The task calls for the lines from the start of the entries below through the line with "world=origin(), true_north=direction((0.0, 1.0)))", given again verbatim, with every picture dropped.

(Excerpts from a dataset)
________________

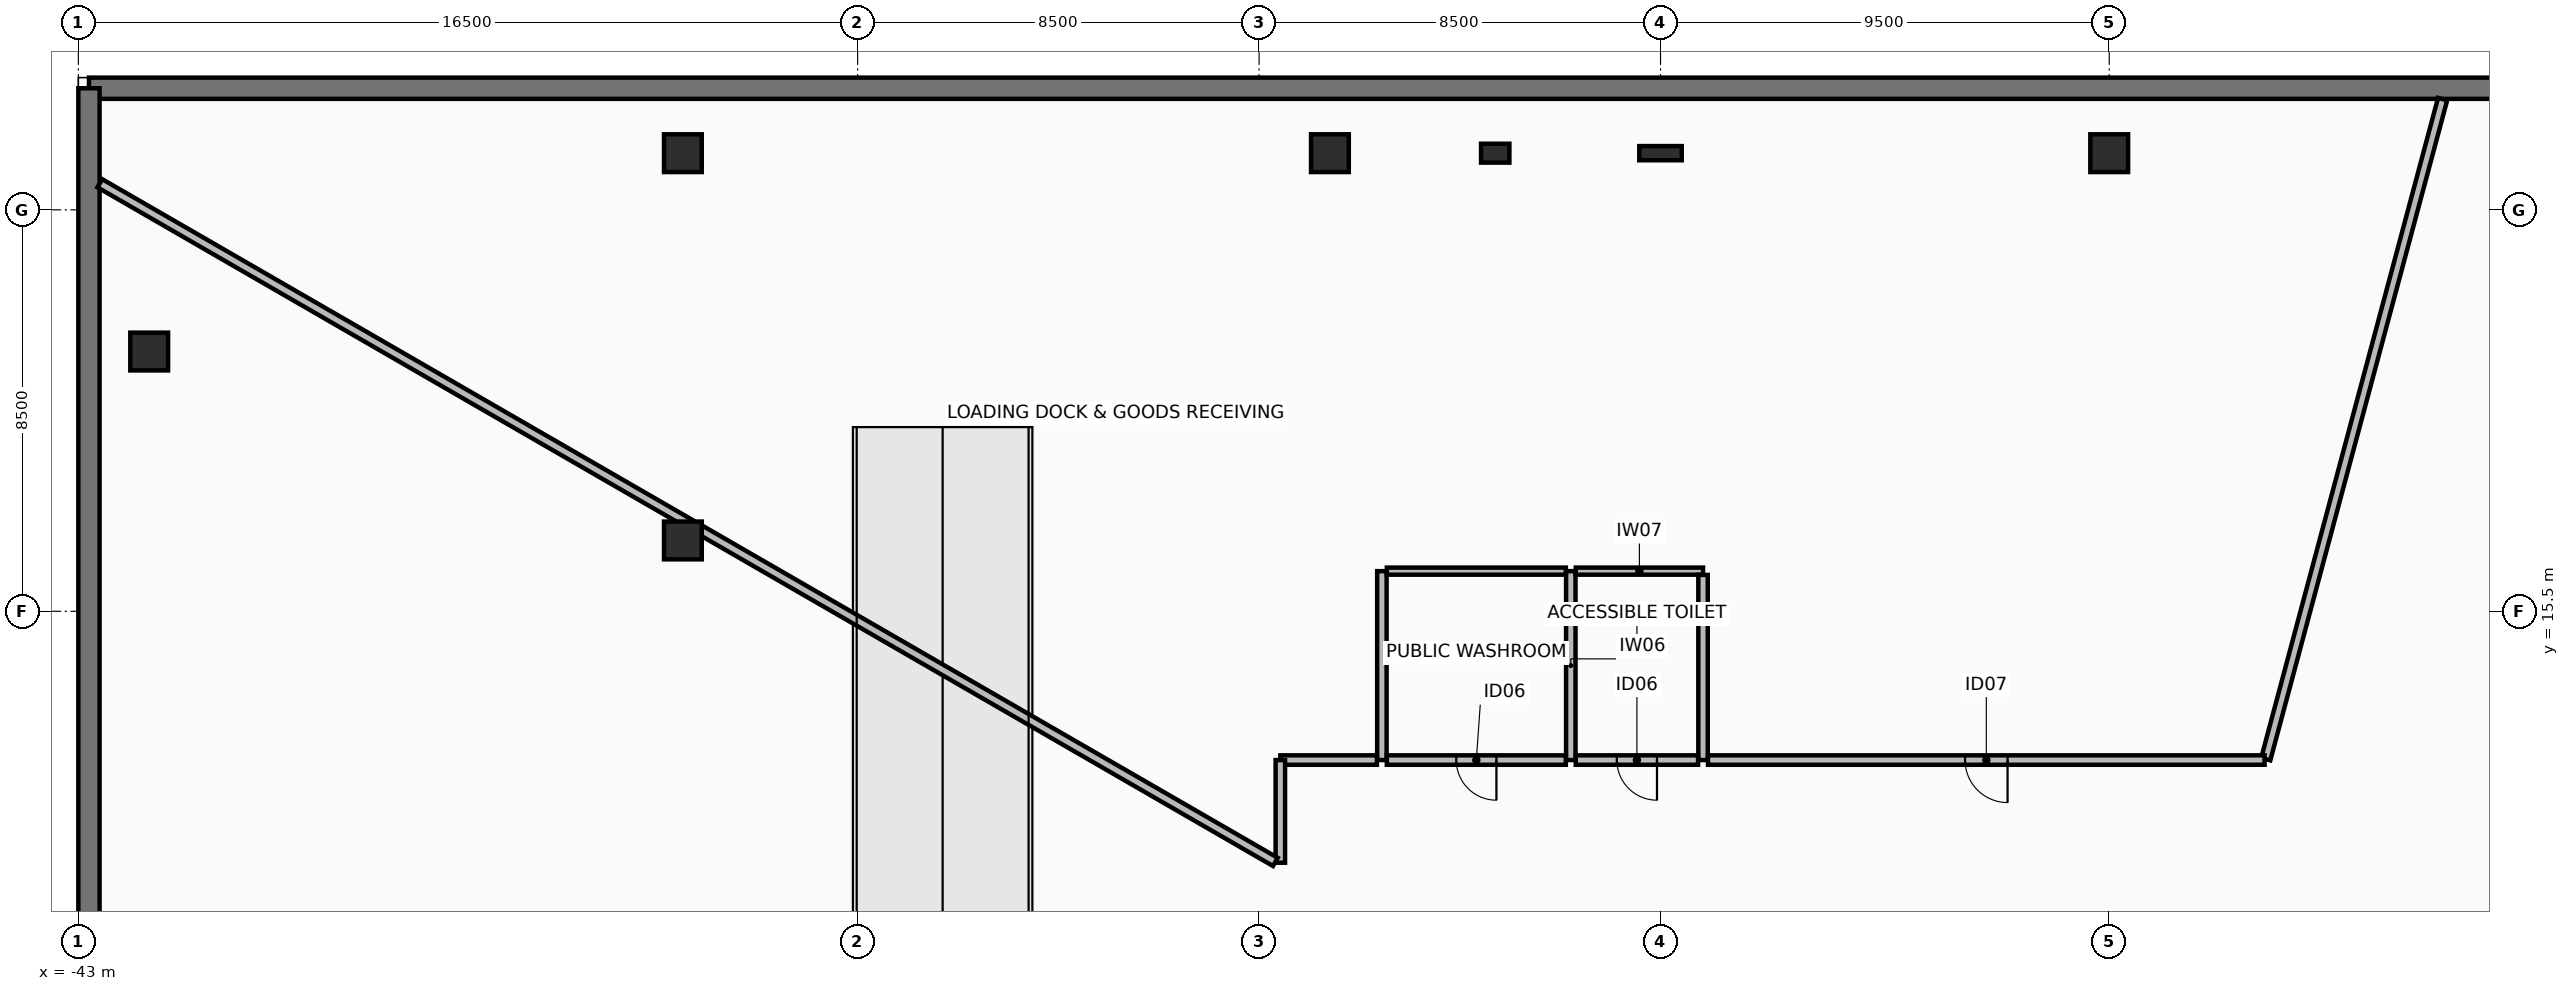
"""IFC4 building model, lengths in metres.
Left out: names, types, materials, properties, quantities, classifications, styles, units other than length and angle.
Written with IfcOpenShell. Run it as: python <this file> out.ifc"""

import sys

from ifc_helpers import new_model, si_unit, direction, frame, frame_2d, origin, origin_2d, place, context, subcontext, project, spatial, rectangle, hollow_rectangle, i_section, extrude, element, fill, save


model = new_model("IFC4")
c1 = context("Model", 3, precision=1e-05, world=origin(), true_north=direction((0.0, 1.0)))
c2 = subcontext(c1, "Body", "Model", "MODEL_VIEW")
j1 = project(units=[si_unit("LENGTHUNIT", "METRE"), si_unit("PLANEANGLEUNIT", "RADIAN")], contexts=[c1])
p1 = place(None, origin())
s1 = spatial("IfcSite", under=j1, at=p1, CompositionType="ELEMENT")
p2 = place(p1, origin())
s2 = spatial("IfcBuilding", under=s1, at=p2, CompositionType="ELEMENT")
p3 = place(p2, frame((0.0, 0.0, -4.5)))
s3 = spatial("IfcBuildingStorey", under=s2, at=p3, CompositionType="ELEMENT", Elevation=-4.5)
p4 = place(p3, frame((-13.0, 25.2, 0.0), z_axis=(0.0, 0.0, 1.0), x_axis=(1.0, 0.0, 0.0)))
e1 = element("IfcColumn", 1, at=p4, inside=s3, PredefinedType="PILASTER", context=c2, shape_type="SweptSolid", body=[
    extrude(rectangle(XDim=0.6, YDim=0.4, at=origin_2d()), origin(), (0.0, 0.0, 1.0), 4.5),
])
for number, where, z_axis, x_axis in (
    (2, (-30.2, 25.2, 0.0), (0.0, 0.0, 1.0), (1.0, 0.0, 0.0)),
    (3, (-16.5, 25.2, 0.0), (0.0, 0.0, 1.0), (1.0, 0.0, 0.0)),
):
    element("IfcColumn", number, at=place(p3, frame(where, z_axis=z_axis, x_axis=x_axis)), inside=s3, PredefinedType="COLUMN", context=c2, shape_type="SweptSolid", body=[
        extrude(hollow_rectangle(XDim=0.8, YDim=0.8, WallThickness=0.045, at=origin_2d()), origin(), (0.0, 0.0, 1.0), 4.5),
    ])
p5 = place(p3, frame((-9.5, 25.2, 0.0), z_axis=(0.0, 0.0, 1.0), x_axis=(1.0, 0.0, 0.0)))
e4 = element("IfcColumn", 4, at=p5, inside=s3, PredefinedType="COLUMN", context=c2, shape_type="SweptSolid", body=[
    extrude(i_section(OverallWidth=0.3, OverallDepth=0.9, WebThickness=0.019, FlangeThickness=0.035, at=origin_2d()), origin(), (0.0, 0.0, 1.0), 4.5),
])
for number, where, z_axis, x_axis in (
    (5, (0.0, 25.2, 0.0), (0.0, 0.0, 1.0), (1.0, 0.0, 0.0)),
    (6, (-30.2, 17.0, 0.0), (0.0, 0.0, 1.0), (1.0, 0.0, 0.0)),
    (7, (-41.5, 21.0, 0.0), (0.0, 0.0, 1.0), (1.0, 0.0, 0.0)),
):
    element("IfcColumn", number, at=place(p3, frame(where, z_axis=z_axis, x_axis=x_axis)), inside=s3, PredefinedType="COLUMN", context=c2, shape_type="SweptSolid", body=[
        extrude(hollow_rectangle(XDim=0.8, YDim=0.8, WallThickness=0.045, at=origin_2d()), origin(), (0.0, 0.0, 1.0), 4.5),
    ])
p6 = place(p3, frame((42.775, 26.575, 0.0), z_axis=(0.0, 0.0, 1.0), x_axis=(-1.0, 0.0, 0.0)))
e8 = element("IfcWall", 8, at=p6, inside=s3, PredefinedType="STANDARD", context=c2, shape_type="SweptSolid", body=[
    extrude(rectangle(XDim=85.55, YDim=0.45, at=frame_2d((42.775, 0.0))), origin(), (0.0, 0.0, 1.0), 4.2),
])
p7 = place(p3, frame((-42.775, 26.575, 0.0), z_axis=(0.0, 0.0, 1.0), x_axis=(0.0, -1.0, 0.0)))
e9 = element("IfcWall", 9, at=p7, inside=s3, PredefinedType="STANDARD", context=c2, shape_type="SweptSolid", body=[
    extrude(rectangle(XDim=54.35, YDim=0.45, at=frame_2d((27.175, 0.0))), origin(), (0.0, 0.0, 1.0), 4.2),
])
p8 = place(p3, frame((-11.4, 12.35, 0.0), z_axis=(0.0, 0.0, 1.0), x_axis=(0.0, 1.0, 0.0)))
e10 = element("IfcWall", 10, at=p8, inside=s3, PredefinedType="PARTITIONING", context=c2, shape_type="SweptSolid", body=[
    extrude(rectangle(XDim=4.0, YDim=0.2, at=frame_2d((2.0, 0.0))), origin(), (0.0, 0.0, 1.0), 3.745),
])
p9 = place(p3, frame((-11.295, 16.35, 0.0), z_axis=(0.0, 0.0, 1.0), x_axis=(1.0, 0.0, 0.0)))
e11 = element("IfcWall", 11, at=p9, inside=s3, PredefinedType="PARTITIONING", context=c2, shape_type="SweptSolid", body=[
    extrude(rectangle(XDim=2.695, YDim=0.15, at=frame_2d((1.347, 0.0))), origin(), (0.0, 0.0, 1.0), 3.545),
])
p10 = place(p3, frame((-8.6, 16.27, 0.0), z_axis=(0.0, 0.0, 1.0), x_axis=(0.0, -1.0, 0.0)))
e12 = element("IfcWall", 12, at=p10, inside=s3, PredefinedType="PARTITIONING", context=c2, shape_type="SweptSolid", body=[
    extrude(rectangle(XDim=3.92, YDim=0.2, at=frame_2d((1.96, 0.0))), origin(), (0.0, 0.0, 1.0), 3.745),
])
p11 = place(p3, frame((-8.705, 12.35, 0.0), z_axis=(0.0, 0.0, 1.0), x_axis=(-1.0, 0.0, 0.0)))
e13 = element("IfcWall", 13, at=p11, inside=s3, PredefinedType="PARTITIONING", context=c2, shape_type="SweptSolid", body=[
    extrude(rectangle(XDim=2.59, YDim=0.2, at=frame_2d((1.295, 0.0))), origin(), (0.0, 0.0, 1.0), 3.545),
])
p12 = place(p11, frame((0.87, 0.0, 0.0)))
e14 = element("IfcOpeningElement", 14, at=p12, cuts=e13, PredefinedType="OPENING", context=c2, shape_type="SweptSolid", body=[
    extrude(rectangle(XDim=0.85, YDim=2.1, at=frame_2d((0.425, 1.05))), frame((0.0, 0.11, 0.0), z_axis=(0.0, -1.0, 0.0), x_axis=(1.0, 0.0, 0.0)), (0.0, 0.0, 1.0), 0.22),
])
p13 = place(p3, frame((-15.4, 12.35, 0.0), z_axis=(0.0, 0.0, 1.0), x_axis=(0.0, 1.0, 0.0)))
e15 = element("IfcWall", 15, at=p13, inside=s3, PredefinedType="PARTITIONING", context=c2, shape_type="SweptSolid", body=[
    extrude(rectangle(XDim=4.0, YDim=0.2, at=frame_2d((2.0, 0.0))), origin(), (0.0, 0.0, 1.0), 3.745),
])
p14 = place(p3, frame((-15.295, 16.35, 0.0), z_axis=(0.0, 0.0, 1.0), x_axis=(1.0, 0.0, 0.0)))
e16 = element("IfcWall", 16, at=p14, inside=s3, PredefinedType="PARTITIONING", context=c2, shape_type="SweptSolid", body=[
    extrude(rectangle(XDim=3.79, YDim=0.15, at=frame_2d((1.895, 0.0))), origin(), (0.0, 0.0, 1.0), 4.2),
])
p15 = place(p3, frame((-11.505, 12.35, 0.0), z_axis=(0.0, 0.0, 1.0), x_axis=(-1.0, 0.0, 0.0)))
e17 = element("IfcWall", 17, at=p15, inside=s3, PredefinedType="PARTITIONING", context=c2, shape_type="SweptSolid", body=[
    extrude(rectangle(XDim=3.79, YDim=0.2, at=frame_2d((1.895, 0.0))), origin(), (0.0, 0.0, 1.0), 4.2),
])
p16 = place(p15, frame((1.47, 0.0, 0.0)))
e18 = element("IfcOpeningElement", 18, at=p16, cuts=e17, PredefinedType="OPENING", context=c2, shape_type="SweptSolid", body=[
    extrude(rectangle(XDim=0.85, YDim=2.1, at=frame_2d((0.425, 1.05))), frame((0.0, 0.11, 0.0), z_axis=(0.0, -1.0, 0.0), x_axis=(1.0, 0.0, 0.0)), (0.0, 0.0, 1.0), 0.22),
])
p17 = place(p3, frame((7.059, 26.345, 0.0), z_axis=(0.0, 0.0, 1.0), x_axis=(-0.258810302239, -0.96592816889, 0.0)))
e19 = element("IfcWall", 19, at=p17, inside=s3, PredefinedType="PARTITIONING", context=c2, shape_type="SweptSolid", body=[
    extrude(rectangle(XDim=14.469, YDim=0.2, at=frame_2d((7.235, 0.0))), origin(), (0.0, 0.0, 1.0), 3.295),
])
p18 = place(p3, frame((3.29, 12.35, 0.0), z_axis=(0.0, 0.0, 1.0), x_axis=(-1.0, 0.0, 0.0)))
e20 = element("IfcWall", 20, at=p18, inside=s3, PredefinedType="PARTITIONING", context=c2, shape_type="SweptSolid", body=[
    extrude(rectangle(XDim=11.785, YDim=0.2, at=frame_2d((5.893, 0.0))), origin(), (0.0, 0.0, 1.0), 3.545),
])
p19 = place(p18, frame((5.442, 0.0, 0.0)))
e21 = element("IfcOpeningElement", 21, at=p19, cuts=e20, PredefinedType="OPENING", context=c2, shape_type="SweptSolid", body=[
    extrude(rectangle(XDim=0.9, YDim=2.1, at=frame_2d((0.45, 1.05))), frame((0.0, 0.11, 0.0), z_axis=(0.0, -1.0, 0.0), x_axis=(1.0, 0.0, 0.0)), (0.0, 0.0, 1.0), 0.22),
])
p20 = place(p3, frame((-15.505, 12.35, 0.0), z_axis=(0.0, 0.0, 1.0), x_axis=(-1.0, 0.0, 0.0)))
e22 = element("IfcWall", 22, at=p20, inside=s3, PredefinedType="PARTITIONING", context=c2, shape_type="SweptSolid", body=[
    extrude(rectangle(XDim=2.044, YDim=0.2, at=frame_2d((1.022, 0.0))), origin(), (0.0, 0.0, 1.0), 3.545),
])
p21 = place(p3, frame((-17.55, 12.349, 0.0), z_axis=(0.0, 0.0, 1.0), x_axis=(0.0, -1.0, 0.0)))
e23 = element("IfcWall", 23, at=p21, inside=s3, PredefinedType="PARTITIONING", context=c2, shape_type="SweptSolid", body=[
    extrude(rectangle(XDim=2.174, YDim=0.2, at=frame_2d((1.087, 0.0))), origin(), (0.0, 0.0, 1.0), 4.2),
])
p22 = place(p3, frame((-17.655, 10.193, 0.0), z_axis=(0.0, 0.0, 1.0), x_axis=(-0.866026443251, 0.499998199587, 0.0)))
e24 = element("IfcWall", 24, at=p22, inside=s3, PredefinedType="PARTITIONING", context=c2, shape_type="SweptSolid", body=[
    extrude(rectangle(XDim=28.74, YDim=0.2, at=frame_2d((14.37, 0.0))), origin(), (0.0, 0.0, 1.0), 3.395),
])
p23 = place(p12, origin())
e25 = element("IfcDoor", 25, at=p23, inside=s3, OperationType="SINGLE_SWING_RIGHT", PredefinedType="DOOR", context=c2, shape_type="SweptSolid", body=[
    extrude(rectangle(XDim=0.85, YDim=2.1, at=frame_2d((0.425, 1.05))), frame((0.0, 0.025, 0.0), z_axis=(0.0, -1.0, 0.0), x_axis=(1.0, 0.0, 0.0)), (0.0, 0.0, 1.0), 0.05),
])
fill(e14, e25)
p24 = place(p16, origin())
e26 = element("IfcDoor", 26, at=p24, inside=s3, OperationType="SINGLE_SWING_RIGHT", PredefinedType="DOOR", context=c2, shape_type="SweptSolid", body=[
    extrude(rectangle(XDim=0.85, YDim=2.1, at=frame_2d((0.425, 1.05))), frame((0.0, 0.025, 0.0), z_axis=(0.0, -1.0, 0.0), x_axis=(1.0, 0.0, 0.0)), (0.0, 0.0, 1.0), 0.05),
])
fill(e18, e26)
p25 = place(p19, origin())
e27 = element("IfcDoor", 27, at=p25, inside=s3, OperationType="SINGLE_SWING_LEFT", PredefinedType="DOOR", context=c2, shape_type="SweptSolid", body=[
    extrude(rectangle(XDim=0.9, YDim=2.1, at=frame_2d((0.45, 1.05))), frame((0.0, 0.025, 0.0), z_axis=(0.0, -1.0, 0.0), x_axis=(1.0, 0.0, 0.0)), (0.0, 0.0, 1.0), 0.05),
])
fill(e21, e27)
save(model, sys.argv[1])

________________

**Answer section**
"""IFC4 building model, lengths in metres.
Left out: names, types, materials, properties, quantities, classifications, styles, units other than length and angle.
Written with IfcOpenShell. Run it as: python <this file> out.ifc"""

import sys

from ifc_helpers import new_model, si_unit, direction, frame, frame_2d, origin, origin_2d, place, context, subcontext, project, spatial, rectangle, hollow_rectangle, i_section, extrude, element, fill, save


model = new_model("IFC4")
c1 = context("Model", 3, precision=1e-05, world=origin(), true_north=direction((0.0, 1.0)))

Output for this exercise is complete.